= Assignment =
Your copy should hold exactly the lines from the beginning of the listing below through the line with "32.2, 0.0), z_axis=(0.0, 0.0, 1.0), x_axis=(1.0, 0.0, 0.0)))", without any pictures.

= Provided entries =
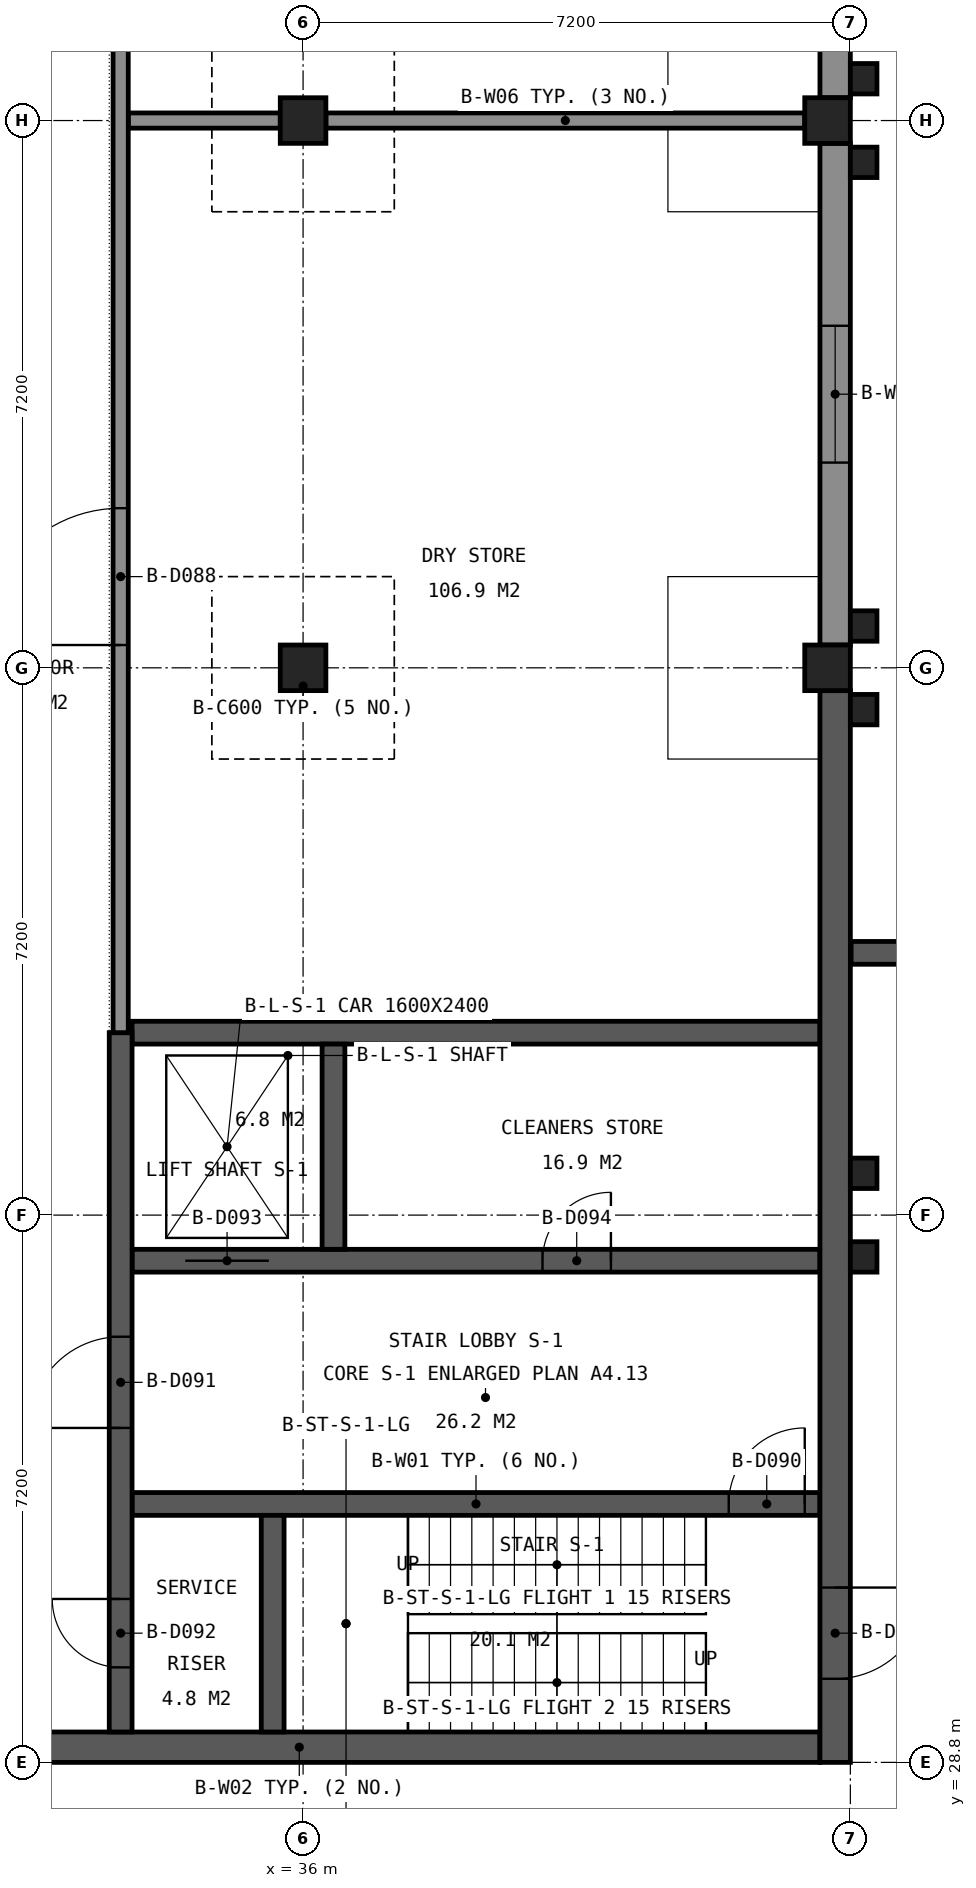
"""IFC4 building model, lengths in metres.
Left out: names, types, materials, properties, quantities, classifications, styles, units other than length and angle.
Written with IfcOpenShell. Run it as: python <this file> out.ifc"""

import sys

from ifc_helpers import new_model, si_unit, direction, frame, frame_2d, origin, origin_2d, place, context, subcontext, project, spatial, rectangle, extrude, element, fill, save


model = new_model("IFC4")
c1 = context("Model", 3, precision=1e-05, world=origin(), true_north=direction((0.0, 1.0)))
c2 = subcontext(c1, "Body", "Model", "MODEL_VIEW")
j1 = project(units=[si_unit("LENGTHUNIT", "METRE"), si_unit("PLANEANGLEUNIT", "RADIAN")], contexts=[c1])
p1 = place(None, origin())
s1 = spatial("IfcSite", under=j1, at=p1, CompositionType="ELEMENT")
p2 = place(p1, origin())
s2 = spatial("IfcBuilding", under=s1, at=p2, CompositionType="ELEMENT")
p3 = place(p2, origin())
s3 = spatial("IfcBuildingStorey", under=s2, at=p3, CompositionType="ELEMENT", Elevation=0.0)
for number, where, z_axis, x_axis in (
    (1, (36.0, 43.2, 0.0), (0.0, 0.0, 1.0), (1.0, 0.0, 0.0)),
    (2, (36.0, 50.4, 0.0), (0.0, 0.0, 1.0), (1.0, 0.0, 0.0)),
    (3, (42.9, 43.2, 0.0), (0.0, 0.0, 1.0), (1.0, 0.0, 0.0)),
    (4, (42.9, 50.4, 0.0), (0.0, 0.0, 1.0), (1.0, 0.0, 0.0)),
):
    element("IfcColumn", number, at=place(p3, frame(where, z_axis=z_axis, x_axis=x_axis)), inside=s3, PredefinedType="COLUMN", context=c2, shape_type="SweptSolid", body=[
        extrude(rectangle(XDim=0.6, YDim=0.6, at=origin_2d()), origin(), (0.0, 0.0, 1.0), 4.8),
    ])
p4 = place(p3, frame((29.1, 29.0, 0.0), z_axis=(0.0, 0.0, 1.0), x_axis=(1.0, 0.0, 0.0)))
e5 = element("IfcWall", 5, at=p4, inside=s3, PredefinedType="SHEAR", context=c2, shape_type="SweptSolid", body=[
    extrude(rectangle(XDim=13.7, YDim=0.4, at=frame_2d((6.85, 0.0))), origin(), (0.0, 0.0, 1.0), 4.55),
])
p5 = place(p3, frame((33.75, 32.2, 0.0), z_axis=(0.0, 0.0, 1.0), x_axis=(1.0, 0.0, 0.0)))
e6 = element("IfcWall", 6, at=p5, inside=s3, PredefinedType="SHEAR", context=c2, shape_type="SweptSolid", body=[
    extrude(rectangle(XDim=9.05, YDim=0.3, at=frame_2d((4.525, 0.0))), origin(), (0.0, 0.0, 1.0), 4.55),
])
p6 = place(p5, frame((7.85, 0.0, 0.0)))
e7 = element("IfcOpeningElement", 7, at=p6, cuts=e6, PredefinedType="OPENING", context=c2, shape_type="SweptSolid", body=[
    extrude(rectangle(XDim=1.0, YDim=2.1, at=frame_2d((0.5, 1.05))), frame((0.0, 0.16, 0.0), z_axis=(0.0, -1.0, 0.0), x_axis=(1.0, 0.0, 0.0)), (0.0, 0.0, 1.0), 0.32),
])
p7 = place(p3, frame((33.75, 35.4, 0.0), z_axis=(0.0, 0.0, 1.0), x_axis=(1.0, 0.0, 0.0)))
e8 = element("IfcWall", 8, at=p7, inside=s3, PredefinedType="SHEAR", context=c2, shape_type="SweptSolid", body=[
    extrude(rectangle(XDim=9.05, YDim=0.3, at=frame_2d((4.525, 0.0))), origin(), (0.0, 0.0, 1.0), 4.55),
])
p8 = place(p7, frame((0.7, 0.0, 0.0)))
e9 = element("IfcOpeningElement", 9, at=p8, cuts=e8, PredefinedType="OPENING", context=c2, shape_type="SweptSolid", body=[
    extrude(rectangle(XDim=1.1, YDim=2.1, at=frame_2d((0.55, 1.05))), frame((0.0, 0.16, 0.0), z_axis=(0.0, -1.0, 0.0), x_axis=(1.0, 0.0, 0.0)), (0.0, 0.0, 1.0), 0.32),
])
p9 = place(p7, frame((5.4, 0.0, 0.0)))
e10 = element("IfcOpeningElement", 10, at=p9, cuts=e8, PredefinedType="OPENING", context=c2, shape_type="SweptSolid", body=[
    extrude(rectangle(XDim=0.9, YDim=2.1, at=frame_2d((0.45, 1.05))), frame((0.0, 0.16, 0.0), z_axis=(0.0, -1.0, 0.0), x_axis=(1.0, 0.0, 0.0)), (0.0, 0.0, 1.0), 0.32),
])
p10 = place(p3, frame((33.75, 38.4, 0.0), z_axis=(0.0, 0.0, 1.0), x_axis=(1.0, 0.0, 0.0)))
e11 = element("IfcWall", 11, at=p10, inside=s3, PredefinedType="SHEAR", context=c2, shape_type="SweptSolid", body=[
    extrude(rectangle(XDim=9.05, YDim=0.3, at=frame_2d((4.525, 0.0))), origin(), (0.0, 0.0, 1.0), 4.55),
])
p11 = place(p3, frame((33.6, 29.2, 0.0), z_axis=(0.0, 0.0, 1.0), x_axis=(0.0, 1.0, 0.0)))
e12 = element("IfcWall", 12, at=p11, inside=s3, PredefinedType="SHEAR", context=c2, shape_type="SweptSolid", body=[
    extrude(rectangle(XDim=9.2, YDim=0.3, at=frame_2d((4.6, 0.0))), origin(), (0.0, 0.0, 1.0), 4.55),
])
p12 = place(p11, frame((4.0, 0.0, 0.0)))
e13 = element("IfcOpeningElement", 13, at=p12, cuts=e12, PredefinedType="OPENING", context=c2, shape_type="SweptSolid", body=[
    extrude(rectangle(XDim=1.2, YDim=2.1, at=frame_2d((0.6, 1.05))), frame((0.0, 0.16, 0.0), z_axis=(0.0, -1.0, 0.0), x_axis=(1.0, 0.0, 0.0)), (0.0, 0.0, 1.0), 0.32),
])
p13 = place(p11, frame((0.85, 0.0, 0.0)))
e14 = element("IfcOpeningElement", 14, at=p13, cuts=e12, PredefinedType="OPENING", context=c2, shape_type="SweptSolid", body=[
    extrude(rectangle(XDim=0.9, YDim=2.1, at=frame_2d((0.45, 1.05))), frame((0.0, 0.16, 0.0), z_axis=(0.0, -1.0, 0.0), x_axis=(1.0, 0.0, 0.0)), (0.0, 0.0, 1.0), 0.32),
])
p14 = place(p3, frame((35.6, 29.2, 0.0), z_axis=(0.0, 0.0, 1.0), x_axis=(0.0, 1.0, 0.0)))
e15 = element("IfcWall", 15, at=p14, inside=s3, PredefinedType="SHEAR", context=c2, shape_type="SweptSolid", body=[
    extrude(rectangle(XDim=2.85, YDim=0.3, at=frame_2d((1.425, 0.0))), origin(), (0.0, 0.0, 1.0), 4.55),
])
p15 = place(p3, frame((36.4, 35.55, -1.2), z_axis=(0.0, 0.0, 1.0), x_axis=(0.0, 1.0, 0.0)))
e16 = element("IfcWall", 16, at=p15, inside=s3, PredefinedType="SHEAR", context=c2, shape_type="SweptSolid", body=[
    extrude(rectangle(XDim=2.7, YDim=0.3, at=frame_2d((1.35, 0.0))), origin(), (0.0, 0.0, 1.0), 5.75),
])
p16 = place(p3, frame((43.0, 28.8, 0.0), z_axis=(0.0, 0.0, 1.0), x_axis=(0.0, 1.0, 0.0)))
e17 = element("IfcWall", 17, at=p16, inside=s3, PredefinedType="SHEAR", context=c2, shape_type="SweptSolid", body=[
    extrude(rectangle(XDim=14.1, YDim=0.4, at=frame_2d((7.05, 0.0))), origin(), (0.0, 0.0, 1.0), 4.55),
])
p17 = place(p16, frame((2.3, 0.0, 0.0), z_axis=(0.0, 0.0, 1.0), x_axis=(-1.0, 0.0, 0.0)))
e18 = element("IfcOpeningElement", 18, at=p17, cuts=e17, PredefinedType="OPENING", context=c2, shape_type="SweptSolid", body=[
    extrude(rectangle(XDim=1.2, YDim=2.1, at=frame_2d((0.6, 1.05))), frame((0.0, 0.21, 0.0), z_axis=(0.0, -1.0, 0.0), x_axis=(1.0, 0.0, 0.0)), (0.0, 0.0, 1.0), 0.42),
])
p18 = place(p3, frame((43.21, 39.45, -0.25), z_axis=(0.0, 0.0, 1.0), x_axis=(1.0, 0.0, 0.0)))
e19 = element("IfcWall", 19, at=p18, inside=s3, PredefinedType="SOLIDWALL", context=c2, shape_type="SweptSolid", body=[
    extrude(rectangle(XDim=7.18, YDim=0.3, at=frame_2d((3.59, 0.0))), origin(), (0.0, 0.0, 1.0), 6.15),
])
p19 = place(p3, frame((43.0, 43.5, 0.0), z_axis=(0.0, 0.0, 1.0), x_axis=(0.0, 1.0, 0.0)))
e20 = element("IfcWall", 20, at=p19, inside=s3, PredefinedType="SOLIDWALL", context=c2, shape_type="SweptSolid", body=[
    extrude(rectangle(XDim=6.6, YDim=0.4, at=frame_2d((3.3, 0.0))), origin(), (0.0, 0.0, 1.0), 3.95),
])
p20 = place(p19, frame((2.4, 0.0, 2.0)))
e21 = element("IfcOpeningElement", 21, at=p20, cuts=e20, PredefinedType="OPENING", context=c2, shape_type="SweptSolid", body=[
    extrude(rectangle(XDim=1.8, YDim=1.5, at=frame_2d((0.9, 0.75))), frame((0.0, 0.21, 0.0), z_axis=(0.0, -1.0, 0.0), x_axis=(1.0, 0.0, 0.0)), (0.0, 0.0, 1.0), 0.42),
])
p21 = place(p3, frame((43.0, 50.7, 0.0), z_axis=(0.0, 0.0, 1.0), x_axis=(0.0, 1.0, 0.0)))
e22 = element("IfcWall", 22, at=p21, inside=s3, PredefinedType="SOLIDWALL", context=c2, shape_type="SweptSolid", body=[
    extrude(rectangle(XDim=6.6, YDim=0.4, at=frame_2d((3.3, 0.0))), origin(), (0.0, 0.0, 1.0), 3.95),
])
p22 = place(p21, frame((2.4, 0.0, 2.0)))
e23 = element("IfcOpeningElement", 23, at=p22, cuts=e22, PredefinedType="OPENING", context=c2, shape_type="SweptSolid", body=[
    extrude(rectangle(XDim=1.8, YDim=1.5, at=frame_2d((0.9, 0.75))), frame((0.0, 0.21, 0.0), z_axis=(0.0, -1.0, 0.0), x_axis=(1.0, 0.0, 0.0)), (0.0, 0.0, 1.0), 0.42),
])
for number, where, z_axis, x_axis in (
    (24, (43.375, 35.45, -0.25), (0.0, 0.0, 1.0), (1.0, 0.0, 0.0)),
    (25, (43.375, 36.55, -0.25), (0.0, 0.0, 1.0), (1.0, 0.0, 0.0)),
    (26, (43.375, 42.65, -0.25), (0.0, 0.0, 1.0), (1.0, 0.0, 0.0)),
    (27, (43.375, 43.75, -0.25), (0.0, 0.0, 1.0), (1.0, 0.0, 0.0)),
    (28, (43.375, 49.85, -0.25), (0.0, 0.0, 1.0), (1.0, 0.0, 0.0)),
    (29, (43.375, 50.95, -0.25), (0.0, 0.0, 1.0), (1.0, 0.0, 0.0)),
):
    element("IfcColumn", number, at=place(p3, frame(where, z_axis=z_axis, x_axis=x_axis)), inside=s3, PredefinedType="COLUMN", context=c2, shape_type="SweptSolid", body=[
        extrude(rectangle(XDim=0.35, YDim=0.4, at=origin_2d()), origin(), (0.0, 0.0, 1.0), 5.05),
    ])
p23 = place(p3, frame((43.26, 28.8, 0.0), z_axis=(0.0, 0.0, 1.0), x_axis=(0.0, 1.0, 0.0)))
e30 = element("IfcWall", 30, at=p23, inside=s3, PredefinedType="SOLIDWALL", context=c2, shape_type="SweptSolid", body=[
    extrude(rectangle(XDim=0.8, YDim=0.12, at=frame_2d((0.4, 0.0))), origin(), (0.0, 0.0, 1.0), 0.6),
])
p24 = place(p3, frame((43.26, 31.2, 0.0), z_axis=(0.0, 0.0, 1.0), x_axis=(0.0, 1.0, 0.0)))
e31 = element("IfcWall", 31, at=p24, inside=s3, PredefinedType="SOLIDWALL", context=c2, shape_type="SweptSolid", body=[
    extrude(rectangle(XDim=4.05, YDim=0.12, at=frame_2d((2.025, 0.0))), origin(), (0.0, 0.0, 1.0), 0.6),
])
p25 = place(p3, frame((43.26, 35.65, 0.0), z_axis=(0.0, 0.0, 1.0), x_axis=(0.0, 1.0, 0.0)))
e32 = element("IfcWall", 32, at=p25, inside=s3, PredefinedType="SOLIDWALL", context=c2, shape_type="SweptSolid", body=[
    extrude(rectangle(XDim=0.7, YDim=0.12, at=frame_2d((0.35, 0.0))), origin(), (0.0, 0.0, 1.0), 0.6),
])
p26 = place(p3, frame((43.26, 36.75, 0.0), z_axis=(0.0, 0.0, 1.0), x_axis=(0.0, 1.0, 0.0)))
e33 = element("IfcWall", 33, at=p26, inside=s3, PredefinedType="SOLIDWALL", context=c2, shape_type="SweptSolid", body=[
    extrude(rectangle(XDim=5.7, YDim=0.12, at=frame_2d((2.85, 0.0))), origin(), (0.0, 0.0, 1.0), 0.6),
])
p27 = place(p3, frame((43.26, 42.85, 0.0), z_axis=(0.0, 0.0, 1.0), x_axis=(0.0, 1.0, 0.0)))
e34 = element("IfcWall", 34, at=p27, inside=s3, PredefinedType="SOLIDWALL", context=c2, shape_type="SweptSolid", body=[
    extrude(rectangle(XDim=0.7, YDim=0.12, at=frame_2d((0.35, 0.0))), origin(), (0.0, 0.0, 1.0), 0.6),
])
p28 = place(p3, frame((43.26, 43.95, 0.0), z_axis=(0.0, 0.0, 1.0), x_axis=(0.0, 1.0, 0.0)))
e35 = element("IfcWall", 35, at=p28, inside=s3, PredefinedType="SOLIDWALL", context=c2, shape_type="SweptSolid", body=[
    extrude(rectangle(XDim=5.7, YDim=0.12, at=frame_2d((2.85, 0.0))), origin(), (0.0, 0.0, 1.0), 0.6),
])
p29 = place(p3, frame((43.26, 50.05, 0.0), z_axis=(0.0, 0.0, 1.0), x_axis=(0.0, 1.0, 0.0)))
e36 = element("IfcWall", 36, at=p29, inside=s3, PredefinedType="SOLIDWALL", context=c2, shape_type="SweptSolid", body=[
    extrude(rectangle(XDim=0.7, YDim=0.12, at=frame_2d((0.35, 0.0))), origin(), (0.0, 0.0, 1.0), 0.6),
])
p30 = place(p3, frame((43.26, 51.15, 0.0), z_axis=(0.0, 0.0, 1.0), x_axis=(0.0, 1.0, 0.0)))
e37 = element("IfcWall", 37, at=p30, inside=s3, PredefinedType="SOLIDWALL", context=c2, shape_type="SweptSolid", body=[
    extrude(rectangle(XDim=5.7, YDim=0.12, at=frame_2d((2.85, 0.0))), origin(), (0.0, 0.0, 1.0), 0.6),
])
p31 = place(p3, frame((33.7, 50.4, 0.0), z_axis=(0.0, 0.0, 1.0), x_axis=(1.0, 0.0, 0.0)))
e38 = element("IfcWall", 38, at=p31, inside=s3, PredefinedType="PARTITIONING", context=c2, shape_type="SweptSolid", body=[
    extrude(rectangle(XDim=2.0, YDim=0.2, at=frame_2d((1.0, 0.0))), origin(), (0.0, 0.0, 1.0), 3.95),
])
p32 = place(p3, frame((36.3, 50.4, 0.0), z_axis=(0.0, 0.0, 1.0), x_axis=(1.0, 0.0, 0.0)))
e39 = element("IfcWall", 39, at=p32, inside=s3, PredefinedType="PARTITIONING", context=c2, shape_type="SweptSolid", body=[
    extrude(rectangle(XDim=6.3, YDim=0.2, at=frame_2d((3.15, 0.0))), origin(), (0.0, 0.0, 1.0), 3.95),
])
p33 = place(p3, frame((33.6, 38.4, 0.0), z_axis=(0.0, 0.0, 1.0), x_axis=(0.0, 1.0, 0.0)))
e40 = element("IfcWall", 40, at=p33, inside=s3, PredefinedType="PARTITIONING", context=c2, shape_type="SweptSolid", body=[
    extrude(rectangle(XDim=24.0, YDim=0.2, at=frame_2d((12.0, 0.0))), origin(), (0.0, 0.0, 1.0), 3.95),
])
p34 = place(p33, frame((5.1, 0.0, 0.0)))
e41 = element("IfcOpeningElement", 41, at=p34, cuts=e40, PredefinedType="OPENING", context=c2, shape_type="SweptSolid", body=[
    extrude(rectangle(XDim=1.8, YDim=2.1, at=frame_2d((0.9, 1.05))), frame((0.0, 0.11, 0.0), z_axis=(0.0, -1.0, 0.0), x_axis=(1.0, 0.0, 0.0)), (0.0, 0.0, 1.0), 0.22),
])
p35 = place(p33, frame((17.1, 0.0, 0.0)))
e42 = element("IfcOpeningElement", 42, at=p35, cuts=e40, PredefinedType="OPENING", context=c2, shape_type="SweptSolid", body=[
    extrude(rectangle(XDim=1.8, YDim=2.1, at=frame_2d((0.9, 1.05))), frame((0.0, 0.11, 0.0), z_axis=(0.0, -1.0, 0.0), x_axis=(1.0, 0.0, 0.0)), (0.0, 0.0, 1.0), 0.22),
])
p36 = place(p17, origin())
e43 = element("IfcDoor", 43, at=p36, inside=s3, OperationType="SINGLE_SWING_LEFT", PredefinedType="DOOR", context=c2, shape_type="SweptSolid", body=[
    extrude(rectangle(XDim=1.2, YDim=2.1, at=frame_2d((0.6, 1.05))), frame((0.0, 0.025, 0.0), z_axis=(0.0, -1.0, 0.0), x_axis=(1.0, 0.0, 0.0)), (0.0, 0.0, 1.0), 0.05),
])
fill(e18, e43)
p37 = place(p20, origin())
e44 = element("IfcWindow", 44, at=p37, inside=s3, PartitioningType="SINGLE_PANEL", PredefinedType="WINDOW", context=c2, shape_type="SweptSolid", body=[
    extrude(rectangle(XDim=1.8, YDim=1.5, at=frame_2d((0.9, 0.75))), frame((0.0, 0.03, 0.0), z_axis=(0.0, -1.0, 0.0), x_axis=(1.0, 0.0, 0.0)), (0.0, 0.0, 1.0), 0.06),
])
fill(e21, e44)
p38 = place(p34, origin())
e45 = element("IfcDoor", 45, at=p38, inside=s3, OperationType="DOUBLE_DOOR_DOUBLE_SWING", PredefinedType="DOOR", context=c2, shape_type="SweptSolid", body=[
    extrude(rectangle(XDim=1.8, YDim=2.1, at=frame_2d((0.9, 1.05))), frame((0.0, 0.025, 0.0), z_axis=(0.0, -1.0, 0.0), x_axis=(1.0, 0.0, 0.0)), (0.0, 0.0, 1.0), 0.05),
])
fill(e41, e45)
p39 = place(p6, origin())
e46 = element("IfcDoor", 46, at=p39, inside=s3, OperationType="SINGLE_SWING_RIGHT", PredefinedType="DOOR", context=c2, shape_type="SweptSolid", body=[
    extrude(rectangle(XDim=1.0, YDim=2.1, at=frame_2d((0.5, 1.05))), frame((0.0, 0.025, 0.0), z_axis=(0.0, -1.0, 0.0), x_axis=(1.0, 0.0, 0.0)), (0.0, 0.0, 1.0), 0.05),
])
fill(e7, e46)
p40 = place(p12, origin())
e47 = element("IfcDoor", 47, at=p40, inside=s3, OperationType="SINGLE_SWING_LEFT", PredefinedType="DOOR", context=c2, shape_type="SweptSolid", body=[
    extrude(rectangle(XDim=1.2, YDim=2.1, at=frame_2d((0.6, 1.05))), frame((0.0, 0.025, 0.0), z_axis=(0.0, -1.0, 0.0), x_axis=(1.0, 0.0, 0.0)), (0.0, 0.0, 1.0), 0.05),
])
fill(e13, e47)
p41 = place(p13, origin())
e48 = element("IfcDoor", 48, at=p41, inside=s3, OperationType="SINGLE_SWING_RIGHT", PredefinedType="DOOR", context=c2, shape_type="SweptSolid", body=[
    extrude(rectangle(XDim=0.9, YDim=2.1, at=frame_2d((0.45, 1.05))), frame((0.0, 0.025, 0.0), z_axis=(0.0, -1.0, 0.0), x_axis=(1.0, 0.0, 0.0)), (0.0, 0.0, 1.0), 0.05),
])
fill(e14, e48)
p42 = place(p8, origin())
e49 = element("IfcDoor", 49, at=p42, inside=s3, OperationType="SLIDING_TO_LEFT", PredefinedType="DOOR", context=c2, shape_type="SweptSolid", body=[
    extrude(rectangle(XDim=1.1, YDim=2.1, at=frame_2d((0.55, 1.05))), frame((0.0, 0.025, 0.0), z_axis=(0.0, -1.0, 0.0), x_axis=(1.0, 0.0, 0.0)), (0.0, 0.0, 1.0), 0.05),
])
fill(e9, e49)
p43 = place(p9, origin())
e50 = element("IfcDoor", 50, at=p43, inside=s3, OperationType="SINGLE_SWING_RIGHT", PredefinedType="DOOR", context=c2, shape_type="SweptSolid", body=[
    extrude(rectangle(XDim=0.9, YDim=2.1, at=frame_2d((0.45, 1.05))), frame((0.0, 0.025, 0.0), z_axis=(0.0, -1.0, 0.0), x_axis=(1.0, 0.0, 0.0)), (0.0, 0.0, 1.0), 0.05),
])
fill(e10, e50)
save(model, sys.argv[1])

= Exercise result =
"""IFC4 building model, lengths in metres.
Left out: names, types, materials, properties, quantities, classifications, styles, units other than length and angle.
Written with IfcOpenShell. Run it as: python <this file> out.ifc"""

import sys

from ifc_helpers import new_model, si_unit, direction, frame, frame_2d, origin, origin_2d, place, context, subcontext, project, spatial, rectangle, extrude, element, fill, save


model = new_model("IFC4")
c1 = context("Model", 3, precision=1e-05, world=origin(), true_north=direction((0.0, 1.0)))
c2 = subcontext(c1, "Body", "Model", "MODEL_VIEW")
j1 = project(units=[si_unit("LENGTHUNIT", "METRE"), si_unit("PLANEANGLEUNIT", "RADIAN")], contexts=[c1])
p1 = place(None, origin())
s1 = spatial("IfcSite", under=j1, at=p1, CompositionType="ELEMENT")
p2 = place(p1, origin())
s2 = spatial("IfcBuilding", under=s1, at=p2, CompositionType="ELEMENT")
p3 = place(p2, origin())
s3 = spatial("IfcBuildingStorey", under=s2, at=p3, CompositionType="ELEMENT", Elevation=0.0)
for number, where, z_axis, x_axis in (
    (1, (36.0, 43.2, 0.0), (0.0, 0.0, 1.0), (1.0, 0.0, 0.0)),
    (2, (36.0, 50.4, 0.0), (0.0, 0.0, 1.0), (1.0, 0.0, 0.0)),
    (3, (42.9, 43.2, 0.0), (0.0, 0.0, 1.0), (1.0, 0.0, 0.0)),
    (4, (42.9, 50.4, 0.0), (0.0, 0.0, 1.0), (1.0, 0.0, 0.0)),
):
    element("IfcColumn", number, at=place(p3, frame(where, z_axis=z_axis, x_axis=x_axis)), inside=s3, PredefinedType="COLUMN", context=c2, shape_type="SweptSolid", body=[
        extrude(rectangle(XDim=0.6, YDim=0.6, at=origin_2d()), origin(), (0.0, 0.0, 1.0), 4.8),
    ])
p4 = place(p3, frame((29.1, 29.0, 0.0), z_axis=(0.0, 0.0, 1.0), x_axis=(1.0, 0.0, 0.0)))
e5 = element("IfcWall", 5, at=p4, inside=s3, PredefinedType="SHEAR", context=c2, shape_type="SweptSolid", body=[
    extrude(rectangle(XDim=13.7, YDim=0.4, at=frame_2d((6.85, 0.0))), origin(), (0.0, 0.0, 1.0), 4.55),
])
p5 = place(p3, frame((33.75, 32.2, 0.0), z_axis=(0.0, 0.0, 1.0), x_axis=(1.0, 0.0, 0.0)))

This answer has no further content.